EXCERPTED DATA Start Marker
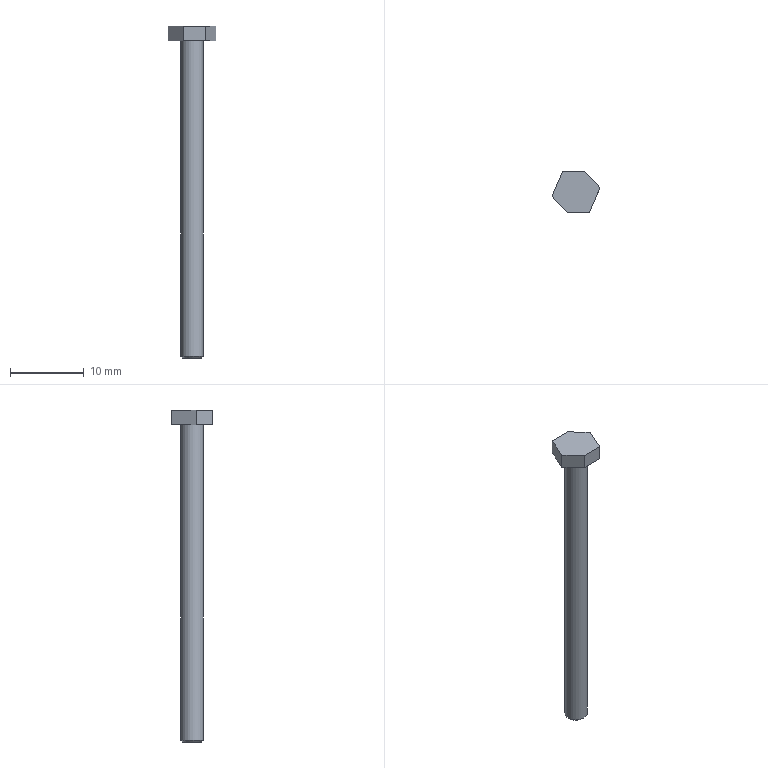Component | NX | LONG_SCREW_M3_2 | 1 solid | 11 faces | box 6.48 x 5.5 x 45 mm | volume 356 mm3 | plane 9 | cylinder 1 | cone 1 | commonest cylinder face diameters 3 x1
STEP:
#1=CARTESIAN_POINT('',(0.,0.,0.));
#2=DIRECTION('',(0.,0.,1.));
#3=DIRECTION('',(1.,0.,0.));
#4=AXIS2_PLACEMENT_3D('',#1,#2,#3);
#5=CARTESIAN_POINT('',(-13.131,-4.443,15.25));
#6=VERTEX_POINT('',#5);
#7=CARTESIAN_POINT('',(-14.506,-3.843,15.25));
#8=DIRECTION('',(0.,0.,1.));
#9=DIRECTION('',(0.9167,-0.3997,0.));
#10=AXIS2_PLACEMENT_3D('',#7,#8,#9);
#11=CIRCLE('',#10,1.5);
#12=CARTESIAN_POINT('',(-14.506,-3.843,15.));
#13=DIRECTION('',(0.,0.,1.));
#14=DIRECTION('',(0.9167,-0.3997,0.));
#15=AXIS2_PLACEMENT_3D('',#12,#13,#14);
#16=CYLINDRICAL_SURFACE('',#15,1.5);
#17=CARTESIAN_POINT('',(0.,0.25));
#18=DIRECTION('',(1.,0.));
#19=VECTOR('',#18,1.);
#20=LINE('',#17,#19);
#21=(GEOMETRIC_REPRESENTATION_CONTEXT(2)PARAMETRIC_REPRESENTATION_CONTEXT()REPRESENTATION_CONTEXT('',''));
#22=DEFINITIONAL_REPRESENTATION('',(#20),#21);
#23=PCURVE('',#16,#22);
#24=CARTESIAN_POINT('',(-14.506,-3.843,15.25));
#25=DIRECTION('',(0.,0.,1.));
#26=DIRECTION('',(0.9167,-0.3997,0.));
#27=AXIS2_PLACEMENT_3D('',#24,#25,#26);
#28=CONICAL_SURFACE('',#27,1.5,0.7854);
#29=CARTESIAN_POINT('',(0.,0.));
#30=DIRECTION('',(1.,0.));
#31=VECTOR('',#30,1.);
#32=LINE('',#29,#31);
#33=(GEOMETRIC_REPRESENTATION_CONTEXT(2)PARAMETRIC_REPRESENTATION_CONTEXT()REPRESENTATION_CONTEXT('',''));
#34=DEFINITIONAL_REPRESENTATION('',(#32),#33);
#35=PCURVE('',#28,#34);
#36=SURFACE_CURVE('',#11,(#23,#35),.PCURVE_S1.);
#37=EDGE_CURVE('',#6,#6,#36,.T.);
#38=ORIENTED_EDGE('',*,*,#37,.T.);
#39=CARTESIAN_POINT('',(-13.131,-4.443,58.));
#40=VERTEX_POINT('',#39);
#41=CARTESIAN_POINT('',(-13.131,-4.443,15.25));
#42=CARTESIAN_POINT('',(-13.131,-4.443,58.));
#43=B_SPLINE_CURVE_WITH_KNOTS('',1,(#41,#42),.UNSPECIFIED.,.F.,.F.,(2,2),(0.25,43.),.PIECEWISE_BEZIER_KNOTS.);
#44=CARTESIAN_POINT('',(6.283,0.));
#45=DIRECTION('',(0.,1.));
#46=VECTOR('',#45,1.);
#47=LINE('',#44,#46);
#48=(GEOMETRIC_REPRESENTATION_CONTEXT(2)PARAMETRIC_REPRESENTATION_CONTEXT()REPRESENTATION_CONTEXT('',''));
#49=DEFINITIONAL_REPRESENTATION('',(#47),#48);
#50=PCURVE('',#16,#49);
#51=CARTESIAN_POINT('',(0.,0.));
#52=DIRECTION('',(0.,1.));
#53=VECTOR('',#52,1.);
#54=LINE('',#51,#53);
#55=(GEOMETRIC_REPRESENTATION_CONTEXT(2)PARAMETRIC_REPRESENTATION_CONTEXT()REPRESENTATION_CONTEXT('',''));
#56=DEFINITIONAL_REPRESENTATION('',(#54),#55);
#57=PCURVE('',#16,#56);
#58=SEAM_CURVE('',#43,(#50,#57),.PCURVE_S1.);
#59=EDGE_CURVE('',#6,#40,#58,.T.);
#60=ORIENTED_EDGE('',*,*,#59,.T.);
#61=CARTESIAN_POINT('',(-14.506,-3.843,58.));
#62=DIRECTION('',(0.,0.,1.));
#63=DIRECTION('',(0.9167,-0.3997,0.));
#64=AXIS2_PLACEMENT_3D('',#61,#62,#63);
#65=CIRCLE('',#64,1.5);
#66=CARTESIAN_POINT('',(0.,43.));
#67=DIRECTION('',(1.,0.));
#68=VECTOR('',#67,1.);
#69=LINE('',#66,#68);
#70=(GEOMETRIC_REPRESENTATION_CONTEXT(2)PARAMETRIC_REPRESENTATION_CONTEXT()REPRESENTATION_CONTEXT('',''));
#71=DEFINITIONAL_REPRESENTATION('',(#69),#70);
#72=PCURVE('',#16,#71);
#73=CARTESIAN_POINT('',(-17.746,-4.395,58.));
#74=DIRECTION('',(0.,0.,1.));
#75=DIRECTION('',(0.9167,-0.3997,0.));
#76=AXIS2_PLACEMENT_3D('',#73,#74,#75);
#77=PLANE('',#76);
#78=CARTESIAN_POINT('',(2.75,1.801));
#79=DIRECTION('',(1.,-0.));
#80=AXIS2_PLACEMENT_2D('',#78,#79);
#81=CIRCLE('',#80,1.5);
#82=(GEOMETRIC_REPRESENTATION_CONTEXT(2)PARAMETRIC_REPRESENTATION_CONTEXT()REPRESENTATION_CONTEXT('',''));
#83=DEFINITIONAL_REPRESENTATION('',(#81),#82);
#84=PCURVE('',#77,#83);
#85=SURFACE_CURVE('',#65,(#72,#84),.PCURVE_S1.);
#86=EDGE_CURVE('',#40,#40,#85,.T.);
#87=ORIENTED_EDGE('',*,*,#86,.F.);
#88=ORIENTED_EDGE('',*,*,#59,.F.);
#89=EDGE_LOOP('',(#38,#60,#87,#88));
#90=FACE_BOUND('',#89,.T.);
#91=ADVANCED_FACE('',(#90),#16,.T.);
#92=CARTESIAN_POINT('',(-13.36,-4.343,15.));
#93=VERTEX_POINT('',#92);
#94=CARTESIAN_POINT('',(-14.506,-3.843,15.));
#95=DIRECTION('',(0.,0.,-1.));
#96=DIRECTION('',(0.9167,-0.3997,0.));
#97=AXIS2_PLACEMENT_3D('',#94,#95,#96);
#98=CIRCLE('',#97,1.25);
#99=CARTESIAN_POINT('',(-14.506,-3.843,15.));
#100=DIRECTION('',(0.,0.,1.));
#101=DIRECTION('',(0.9167,-0.3997,0.));
#102=AXIS2_PLACEMENT_3D('',#99,#100,#101);
#103=PLANE('',#102);
#104=CARTESIAN_POINT('',(1.25,0.));
#105=CARTESIAN_POINT('',(1.25,-2.165));
#106=CARTESIAN_POINT('',(-0.625,-1.083));
#107=CARTESIAN_POINT('',(-2.5,-0.));
#108=CARTESIAN_POINT('',(-0.625,1.083));
#109=CARTESIAN_POINT('',(1.25,2.165));
#110=CARTESIAN_POINT('',(1.25,0.));
#111=(BOUNDED_CURVE()B_SPLINE_CURVE(2,(#104,#105,#106,#107,#108,#109,#110),.UNSPECIFIED.,.T.,.F.)B_SPLINE_CURVE_WITH_KNOTS((1,2,2,2,2,1),(-2.094,0.,2.094,4.189,6.283,8.378),.UNSPECIFIED.)CURVE()GEOMETRIC_REPRESENTATION_ITEM()RATIONAL_B_SPLINE_CURVE((1.,0.5,1.,0.5,1.,0.5,1.))REPRESENTATION_ITEM(''));
#112=(GEOMETRIC_REPRESENTATION_CONTEXT(2)PARAMETRIC_REPRESENTATION_CONTEXT()REPRESENTATION_CONTEXT('',''));
#113=DEFINITIONAL_REPRESENTATION('',(#111),#112);
#114=PCURVE('',#103,#113);
#115=CARTESIAN_POINT('',(6.283,-0.25));
#116=DIRECTION('',(-1.,0.));
#117=VECTOR('',#116,1.);
#118=LINE('',#115,#117);
#119=(GEOMETRIC_REPRESENTATION_CONTEXT(2)PARAMETRIC_REPRESENTATION_CONTEXT()REPRESENTATION_CONTEXT('',''));
#120=DEFINITIONAL_REPRESENTATION('',(#118),#119);
#121=PCURVE('',#28,#120);
#122=SURFACE_CURVE('',#98,(#114,#121),.PCURVE_S1.);
#123=EDGE_CURVE('',#93,#93,#122,.T.);
#124=ORIENTED_EDGE('',*,*,#123,.T.);
#125=EDGE_LOOP('',(#124));
#126=FACE_BOUND('',#125,.T.);
#127=ADVANCED_FACE('',(#126),#103,.F.);
#128=CARTESIAN_POINT('',(-17.746,-4.395,58.));
#129=VERTEX_POINT('',#128);
#130=CARTESIAN_POINT('',(-15.705,-6.593,58.));
#131=VERTEX_POINT('',#130);
#132=CARTESIAN_POINT('',(-17.746,-4.395,58.));
#133=DIRECTION('',(0.6806,-0.7327,0.));
#134=VECTOR('',#133,1.);
#135=LINE('',#132,#134);
#136=CARTESIAN_POINT('',(0.,0.));
#137=DIRECTION('',(0.9167,-0.3997));
#138=VECTOR('',#137,1.);
#139=LINE('',#136,#138);
#140=(GEOMETRIC_REPRESENTATION_CONTEXT(2)PARAMETRIC_REPRESENTATION_CONTEXT()REPRESENTATION_CONTEXT('',''));
#141=DEFINITIONAL_REPRESENTATION('',(#139),#140);
#142=PCURVE('',#77,#141);
#143=CARTESIAN_POINT('',(-17.746,-4.395,60.));
#144=DIRECTION('',(0.7327,0.6806,0.));
#145=DIRECTION('',(-0.6806,0.7327,0.));
#146=AXIS2_PLACEMENT_3D('',#143,#144,#145);
#147=PLANE('',#146);
#148=CARTESIAN_POINT('',(0.,-2.));
#149=DIRECTION('',(-1.,0.));
#150=VECTOR('',#149,1.);
#151=LINE('',#148,#150);
#152=(GEOMETRIC_REPRESENTATION_CONTEXT(2)PARAMETRIC_REPRESENTATION_CONTEXT()REPRESENTATION_CONTEXT('',''));
#153=DEFINITIONAL_REPRESENTATION('',(#151),#152);
#154=PCURVE('',#147,#153);
#155=SURFACE_CURVE('',#135,(#142,#154),.PCURVE_S1.);
#156=EDGE_CURVE('',#129,#131,#155,.T.);
#157=ORIENTED_EDGE('',*,*,#156,.F.);
#158=CARTESIAN_POINT('',(-16.307,-1.093,58.));
#159=VERTEX_POINT('',#158);
#160=CARTESIAN_POINT('',(-16.307,-1.093,58.));
#161=DIRECTION('',(-0.3997,-0.9167,0.));
#162=VECTOR('',#161,1.);
#163=LINE('',#160,#162);
#164=CARTESIAN_POINT('',(0.,3.602));
#165=DIRECTION('',(-0.,-1.));
#166=VECTOR('',#165,1.);
#167=LINE('',#164,#166);
#168=(GEOMETRIC_REPRESENTATION_CONTEXT(2)PARAMETRIC_REPRESENTATION_CONTEXT()REPRESENTATION_CONTEXT('',''));
#169=DEFINITIONAL_REPRESENTATION('',(#167),#168);
#170=PCURVE('',#77,#169);
#171=CARTESIAN_POINT('',(-16.307,-1.093,60.));
#172=DIRECTION('',(0.9167,-0.3997,0.));
#173=DIRECTION('',(0.3997,0.9167,0.));
#174=AXIS2_PLACEMENT_3D('',#171,#172,#173);
#175=PLANE('',#174);
#176=CARTESIAN_POINT('',(0.,-2.));
#177=DIRECTION('',(-1.,0.));
#178=VECTOR('',#177,1.);
#179=LINE('',#176,#178);
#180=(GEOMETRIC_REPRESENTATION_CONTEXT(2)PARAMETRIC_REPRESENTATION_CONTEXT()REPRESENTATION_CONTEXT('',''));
EXCERPTED DATA End Marker
Each line from the top of the material through the line containing "#3=DIRECTION('',(1.,0.,0.));" should be reproduced exactly; please drop any images.

Component | NX | LONG_SCREW_M3_2 | 1 solid | 11 faces | box 6.48 x 5.5 x 45 mm | volume 356 mm3 | plane 9 | cylinder 1 | cone 1 | commonest cylinder face diameters 3 x1
STEP:
#1=CARTESIAN_POINT('',(0.,0.,0.));
#2=DIRECTION('',(0.,0.,1.));
#3=DIRECTION('',(1.,0.,0.));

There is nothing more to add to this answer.